━━ Available records
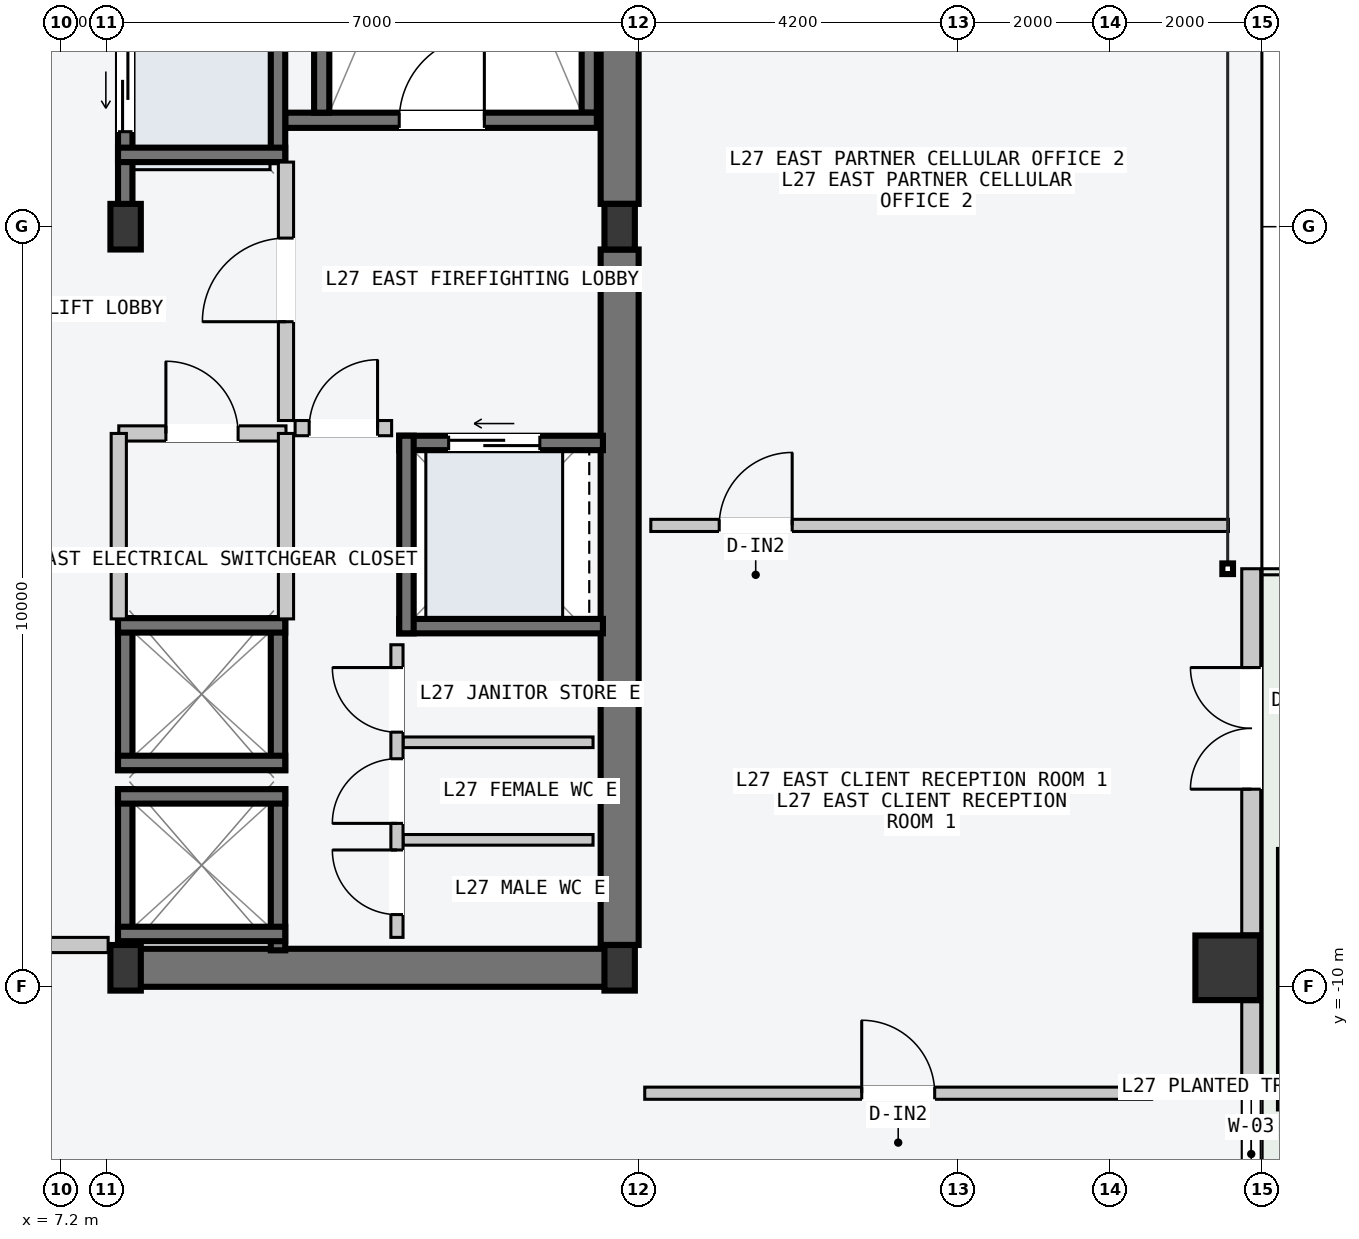
"""IFC4 building model, lengths in metres.
Left out: names, types, materials, properties, quantities, classifications, styles, units other than length and angle.
Written with IfcOpenShell. Run it as: python <this file> out.ifc"""

import sys

from ifc_helpers import new_model, si_unit, direction, frame, frame_2d, origin, origin_2d, place, context, subcontext, project, spatial, rectangle, hollow_rectangle, i_section, extrude, element, fill, save


model = new_model("IFC4")
c1 = context("Model", 3, precision=1e-05, world=origin(), true_north=direction((0.0, 1.0)))
c2 = subcontext(c1, "Body", "Model", "MODEL_VIEW")
j1 = project(units=[si_unit("LENGTHUNIT", "METRE"), si_unit("PLANEANGLEUNIT", "RADIAN")], contexts=[c1])
p1 = place(None, origin())
s1 = spatial("IfcSite", under=j1, at=p1, CompositionType="ELEMENT")
p2 = place(p1, origin())
s2 = spatial("IfcBuilding", under=s1, at=p2, CompositionType="ELEMENT")
p3 = place(p2, frame((0.0, 0.0, 106.2)))
s3 = spatial("IfcBuildingStorey", under=s2, at=p3, CompositionType="ELEMENT", Elevation=106.2)
p4 = place(p3, frame((8.07, -9.75, -0.2), z_axis=(0.0, 0.0, 1.0), x_axis=(1.0, 0.0, 0.0)))
e1 = element("IfcWall", 1, at=p4, inside=s3, PredefinedType="SHEAR", context=c2, shape_type="SweptSolid", body=[
    extrude(rectangle(XDim=6.46, YDim=0.5, at=frame_2d((3.23, 0.0))), origin(), (0.0, 0.0, 1.0), 3.6),
])
for number, where, z_axis, x_axis in (
    (2, (14.55, -9.45, -0.2), (0.0, 0.0, 1.0), (0.0, 1.0, 0.0)),
    (3, (14.55, 0.3, -0.2), (0.0, 0.0, 1.0), (0.0, 1.0, 0.0)),
):
    element("IfcWall", number, at=place(p3, frame(where, z_axis=z_axis, x_axis=x_axis)), inside=s3, PredefinedType="SHEAR", context=c2, shape_type="SweptSolid", body=[
        extrude(rectangle(XDim=9.15, YDim=0.5, at=frame_2d((4.575, 0.0))), origin(), (0.0, 0.0, 1.0), 3.6),
    ])
p5 = place(p3, frame((14.15, 1.5, -0.2), z_axis=(0.0, 0.0, 1.0), x_axis=(0.0, 1.0, 0.0)))
e4 = element("IfcWall", 4, at=p5, inside=s3, PredefinedType="SOLIDWALL", context=c2, shape_type="SweptSolid", body=[
    extrude(rectangle(XDim=7.8, YDim=0.2, at=frame_2d((3.9, 0.0))), origin(), (0.0, 0.0, 1.0), 3.6),
])
p6 = place(p3, frame((10.15, 1.4, -0.2), z_axis=(0.0, 0.0, 1.0), x_axis=(1.0, 0.0, 0.0)))
e5 = element("IfcWall", 5, at=p6, inside=s3, PredefinedType="SOLIDWALL", context=c2, shape_type="SweptSolid", body=[
    extrude(rectangle(XDim=4.1, YDim=0.2, at=frame_2d((2.05, 0.0))), origin(), (0.0, 0.0, 1.0), 3.6),
])
p7 = place(p6, frame((1.5, 0.0, 0.2)))
e6 = element("IfcOpeningElement", 6, at=p7, cuts=e5, PredefinedType="OPENING", context=c2, shape_type="SweptSolid", body=[
    extrude(rectangle(XDim=1.12, YDim=2.18, at=frame_2d((0.56, 1.09))), frame((0.0, 0.11, 0.0), z_axis=(0.0, -1.0, 0.0), x_axis=(1.0, 0.0, 0.0)), (0.0, 0.0, 1.0), 0.22),
])
p8 = place(p3, frame((10.63, 1.5, -0.2), z_axis=(0.0, 0.0, 1.0), x_axis=(0.0, 1.0, 0.0)))
e7 = element("IfcWall", 7, at=p8, inside=s3, PredefinedType="SOLIDWALL", context=c2, shape_type="SweptSolid", body=[
    extrude(rectangle(XDim=7.8, YDim=0.2, at=frame_2d((3.9, 0.0))), origin(), (0.0, 0.0, 1.0), 3.6),
])
for number, where, z_axis, x_axis in (
    (8, (8.05, -9.75, 0.0), (0.0, 0.0, 1.0), (1.0, 0.0, 0.0)),
    (9, (8.05, 0.0, 0.0), (0.0, 0.0, 1.0), (1.0, 0.0, 0.0)),
    (10, (14.55, -9.75, 0.0), (0.0, 0.0, 1.0), (1.0, 0.0, 0.0)),
    (11, (14.55, 0.0, 0.0), (0.0, 0.0, 1.0), (1.0, 0.0, 0.0)),
):
    element("IfcColumn", number, at=place(p3, frame(where, z_axis=z_axis, x_axis=x_axis)), inside=s3, PredefinedType="COLUMN", context=c2, shape_type="SweptSolid", body=[
        extrude(i_section(OverallWidth=0.4, OverallDepth=0.6, WebThickness=0.022, FlangeThickness=0.036, at=origin_2d()), origin(), (0.0, 0.0, 1.0), 3.6),
    ])
p9 = place(p3, frame((22.55, -9.75, 0.0), z_axis=(0.0, 0.0, 1.0), x_axis=(0.0, 1.0, 0.0)))
e12 = element("IfcColumn", 12, at=p9, inside=s3, PredefinedType="COLUMN", context=c2, shape_type="SweptSolid", body=[
    extrude(hollow_rectangle(XDim=0.85, YDim=0.85, WallThickness=0.04, at=origin_2d()), origin(), (0.0, 0.0, 1.0), 3.6),
])
p10 = place(p3, frame((22.86, -14.605, 0.0), z_axis=(0.0, 0.0, 1.0), x_axis=(0.0, 1.0, 0.0)))
e13 = element("IfcWall", 13, at=p10, inside=s3, PredefinedType="STANDARD", context=c2, shape_type="SweptSolid", body=[
    extrude(rectangle(XDim=4.41, YDim=0.25, at=frame_2d((2.205, 0.0))), origin(), (0.0, 0.0, 1.0), 3.4),
])
p11 = place(p10, frame((1.405, 0.0, 0.85)))
e14 = element("IfcOpeningElement", 14, at=p11, cuts=e13, PredefinedType="OPENING", context=c2, shape_type="SweptSolid", body=[
    extrude(rectangle(XDim=2.0, YDim=2.1, at=frame_2d((1.0, 1.05))), frame((0.0, 0.135, 0.0), z_axis=(0.0, -1.0, 0.0), x_axis=(1.0, 0.0, 0.0)), (0.0, 0.0, 1.0), 0.27),
])
p12 = place(p3, frame((22.86, -9.305, 0.0), z_axis=(0.0, 0.0, 1.0), x_axis=(0.0, 1.0, 0.0)))
e15 = element("IfcWall", 15, at=p12, inside=s3, PredefinedType="STANDARD", context=c2, shape_type="SweptSolid", body=[
    extrude(rectangle(XDim=4.805, YDim=0.25, at=frame_2d((2.402, 0.0))), origin(), (0.0, 0.0, 1.0), 3.4),
])
p13 = place(p12, frame((1.905, 0.0, 0.0)))
e16 = element("IfcOpeningElement", 16, at=p13, cuts=e15, PredefinedType="OPENING", context=c2, shape_type="SweptSolid", body=[
    extrude(rectangle(XDim=1.6, YDim=2.2, at=frame_2d((0.8, 1.1))), frame((0.0, 0.135, 0.0), z_axis=(0.0, -1.0, 0.0), x_axis=(1.0, 0.0, 0.0)), (0.0, 0.0, 1.0), 0.27),
])
p14 = place(p3, frame((8.045, 0.21, -0.2), z_axis=(0.0, 0.0, 1.0), x_axis=(0.0, 1.0, 0.0)))
e17 = element("IfcWall", 17, at=p14, inside=s3, PredefinedType="SOLIDWALL", context=c2, shape_type="SweptSolid", body=[
    extrude(rectangle(XDim=2.54, YDim=0.19, at=frame_2d((1.27, 0.0))), origin(), (0.0, 0.0, 1.0), 3.6),
])
p15 = place(p14, frame((1.04, 0.0, 0.2)))
e18 = element("IfcOpeningElement", 18, at=p15, cuts=e17, PredefinedType="OPENING", context=c2, shape_type="SweptSolid", body=[
    extrude(rectangle(XDim=1.1, YDim=2.2, at=frame_2d((0.55, 1.1))), frame((0.0, 0.105, 0.0), z_axis=(0.0, -1.0, 0.0), x_axis=(1.0, 0.0, 0.0)), (0.0, 0.0, 1.0), 0.21),
])
p16 = place(p3, frame((10.055, 0.85, -0.2), z_axis=(0.0, 0.0, 1.0), x_axis=(0.0, 1.0, 0.0)))
e19 = element("IfcWall", 19, at=p16, inside=s3, PredefinedType="SOLIDWALL", context=c2, shape_type="SweptSolid", body=[
    extrude(rectangle(XDim=1.9, YDim=0.19, at=frame_2d((0.95, 0.0))), origin(), (0.0, 0.0, 1.0), 3.6),
])
p17 = place(p3, frame((7.95, 0.945, -0.2), z_axis=(0.0, 0.0, 1.0), x_axis=(1.0, 0.0, 0.0)))
e20 = element("IfcWall", 20, at=p17, inside=s3, PredefinedType="SOLIDWALL", context=c2, shape_type="SweptSolid", body=[
    extrude(rectangle(XDim=2.2, YDim=0.19, at=frame_2d((1.1, 0.0))), origin(), (0.0, 0.0, 1.0), 3.6),
])
for number, where, z_axis, x_axis in (
    (21, (8.045, -9.52, -0.2), (0.0, 0.0, 1.0), (0.0, 1.0, 0.0)),
    (22, (10.055, -9.52, -0.2), (0.0, 0.0, 1.0), (0.0, 1.0, 0.0)),
):
    element("IfcWall", number, at=place(p3, frame(where, z_axis=z_axis, x_axis=x_axis)), inside=s3, PredefinedType="SOLIDWALL", context=c2, shape_type="SweptSolid", body=[
        extrude(rectangle(XDim=2.12, YDim=0.19, at=frame_2d((1.06, 0.0))), origin(), (0.0, 0.0, 1.0), 3.6),
    ])
for number, where, z_axis, x_axis in (
    (23, (7.95, -7.495, -0.2), (0.0, 0.0, 1.0), (1.0, 0.0, 0.0)),
    (24, (7.95, -9.305, -0.2), (0.0, 0.0, 1.0), (1.0, 0.0, 0.0)),
):
    element("IfcWall", number, at=place(p3, frame(where, z_axis=z_axis, x_axis=x_axis)), inside=s3, PredefinedType="SOLIDWALL", context=c2, shape_type="SweptSolid", body=[
        extrude(rectangle(XDim=2.2, YDim=0.19, at=frame_2d((1.1, 0.0))), origin(), (0.0, 0.0, 1.0), 3.6),
    ])
for number, where, z_axis, x_axis in (
    (25, (8.045, -7.15, -0.2), (0.0, 0.0, 1.0), (0.0, 1.0, 0.0)),
    (26, (10.055, -7.15, -0.2), (0.0, 0.0, 1.0), (0.0, 1.0, 0.0)),
):
    element("IfcWall", number, at=place(p3, frame(where, z_axis=z_axis, x_axis=x_axis)), inside=s3, PredefinedType="SOLIDWALL", context=c2, shape_type="SweptSolid", body=[
        extrude(rectangle(XDim=2.0, YDim=0.19, at=frame_2d((1.0, 0.0))), origin(), (0.0, 0.0, 1.0), 3.6),
    ])
for number, where, z_axis, x_axis in (
    (27, (7.95, -5.245, -0.2), (0.0, 0.0, 1.0), (1.0, 0.0, 0.0)),
    (28, (7.95, -7.055, -0.2), (0.0, 0.0, 1.0), (1.0, 0.0, 0.0)),
):
    element("IfcWall", number, at=place(p3, frame(where, z_axis=z_axis, x_axis=x_axis)), inside=s3, PredefinedType="SOLIDWALL", context=c2, shape_type="SweptSolid", body=[
        extrude(rectangle(XDim=2.2, YDim=0.19, at=frame_2d((1.1, 0.0))), origin(), (0.0, 0.0, 1.0), 3.6),
    ])
p18 = place(p3, frame((11.65, -2.845, -0.2), z_axis=(0.0, 0.0, 1.0), x_axis=(1.0, 0.0, 0.0)))
e29 = element("IfcWall", 29, at=p18, inside=s3, PredefinedType="SOLIDWALL", context=c2, shape_type="SweptSolid", body=[
    extrude(rectangle(XDim=2.68, YDim=0.19, at=frame_2d((1.34, 0.0))), origin(), (0.0, 0.0, 1.0), 3.6),
])
p19 = place(p18, frame((0.65, 0.0, 0.2)))
e30 = element("IfcOpeningElement", 30, at=p19, cuts=e29, PredefinedType="OPENING", context=c2, shape_type="SweptSolid", body=[
    extrude(rectangle(XDim=1.2, YDim=2.2, at=frame_2d((0.6, 1.1))), frame((0.0, 0.105, 0.0), z_axis=(0.0, -1.0, 0.0), x_axis=(1.0, 0.0, 0.0)), (0.0, 0.0, 1.0), 0.21),
])
p20 = place(p3, frame((11.65, -5.255, -0.2), z_axis=(0.0, 0.0, 1.0), x_axis=(1.0, 0.0, 0.0)))
e31 = element("IfcWall", 31, at=p20, inside=s3, PredefinedType="SOLIDWALL", context=c2, shape_type="SweptSolid", body=[
    extrude(rectangle(XDim=2.68, YDim=0.19, at=frame_2d((1.34, 0.0))), origin(), (0.0, 0.0, 1.0), 3.6),
])
p21 = place(p3, frame((11.745, -5.35, -0.2), z_axis=(0.0, 0.0, 1.0), x_axis=(0.0, 1.0, 0.0)))
e32 = element("IfcWall", 32, at=p21, inside=s3, PredefinedType="SOLIDWALL", context=c2, shape_type="SweptSolid", body=[
    extrude(rectangle(XDim=2.6, YDim=0.19, at=frame_2d((1.3, 0.0))), origin(), (0.0, 0.0, 1.0), 3.6),
])
p22 = place(p3, frame((6.02, -9.45, 0.0), z_axis=(0.0, 0.0, 1.0), x_axis=(1.0, 0.0, 0.0)))
e33 = element("IfcWall", 33, at=p22, inside=s3, PredefinedType="PARTITIONING", context=c2, shape_type="SweptSolid", body=[
    extrude(rectangle(XDim=1.8, YDim=0.2, at=frame_2d((0.9, 0.0))), origin(), (0.0, 0.0, 1.0), 3.4),
])
p23 = place(p3, frame((10.16, -2.55, 0.0), z_axis=(0.0, 0.0, 1.0), x_axis=(0.0, 1.0, 0.0)))
e34 = element("IfcWall", 34, at=p23, inside=s3, PredefinedType="PARTITIONING", context=c2, shape_type="SweptSolid", body=[
    extrude(rectangle(XDim=3.4, YDim=0.2, at=frame_2d((1.7, 0.0))), origin(), (0.0, 0.0, 1.0), 3.4),
])
p24 = place(p23, frame((1.3, 0.0, 0.0)))
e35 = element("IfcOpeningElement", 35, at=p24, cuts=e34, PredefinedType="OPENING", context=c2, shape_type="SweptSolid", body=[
━━━━
* Assignment
Working from the material above, state how many lines contain "direction"; give only the number.

* Task solution
2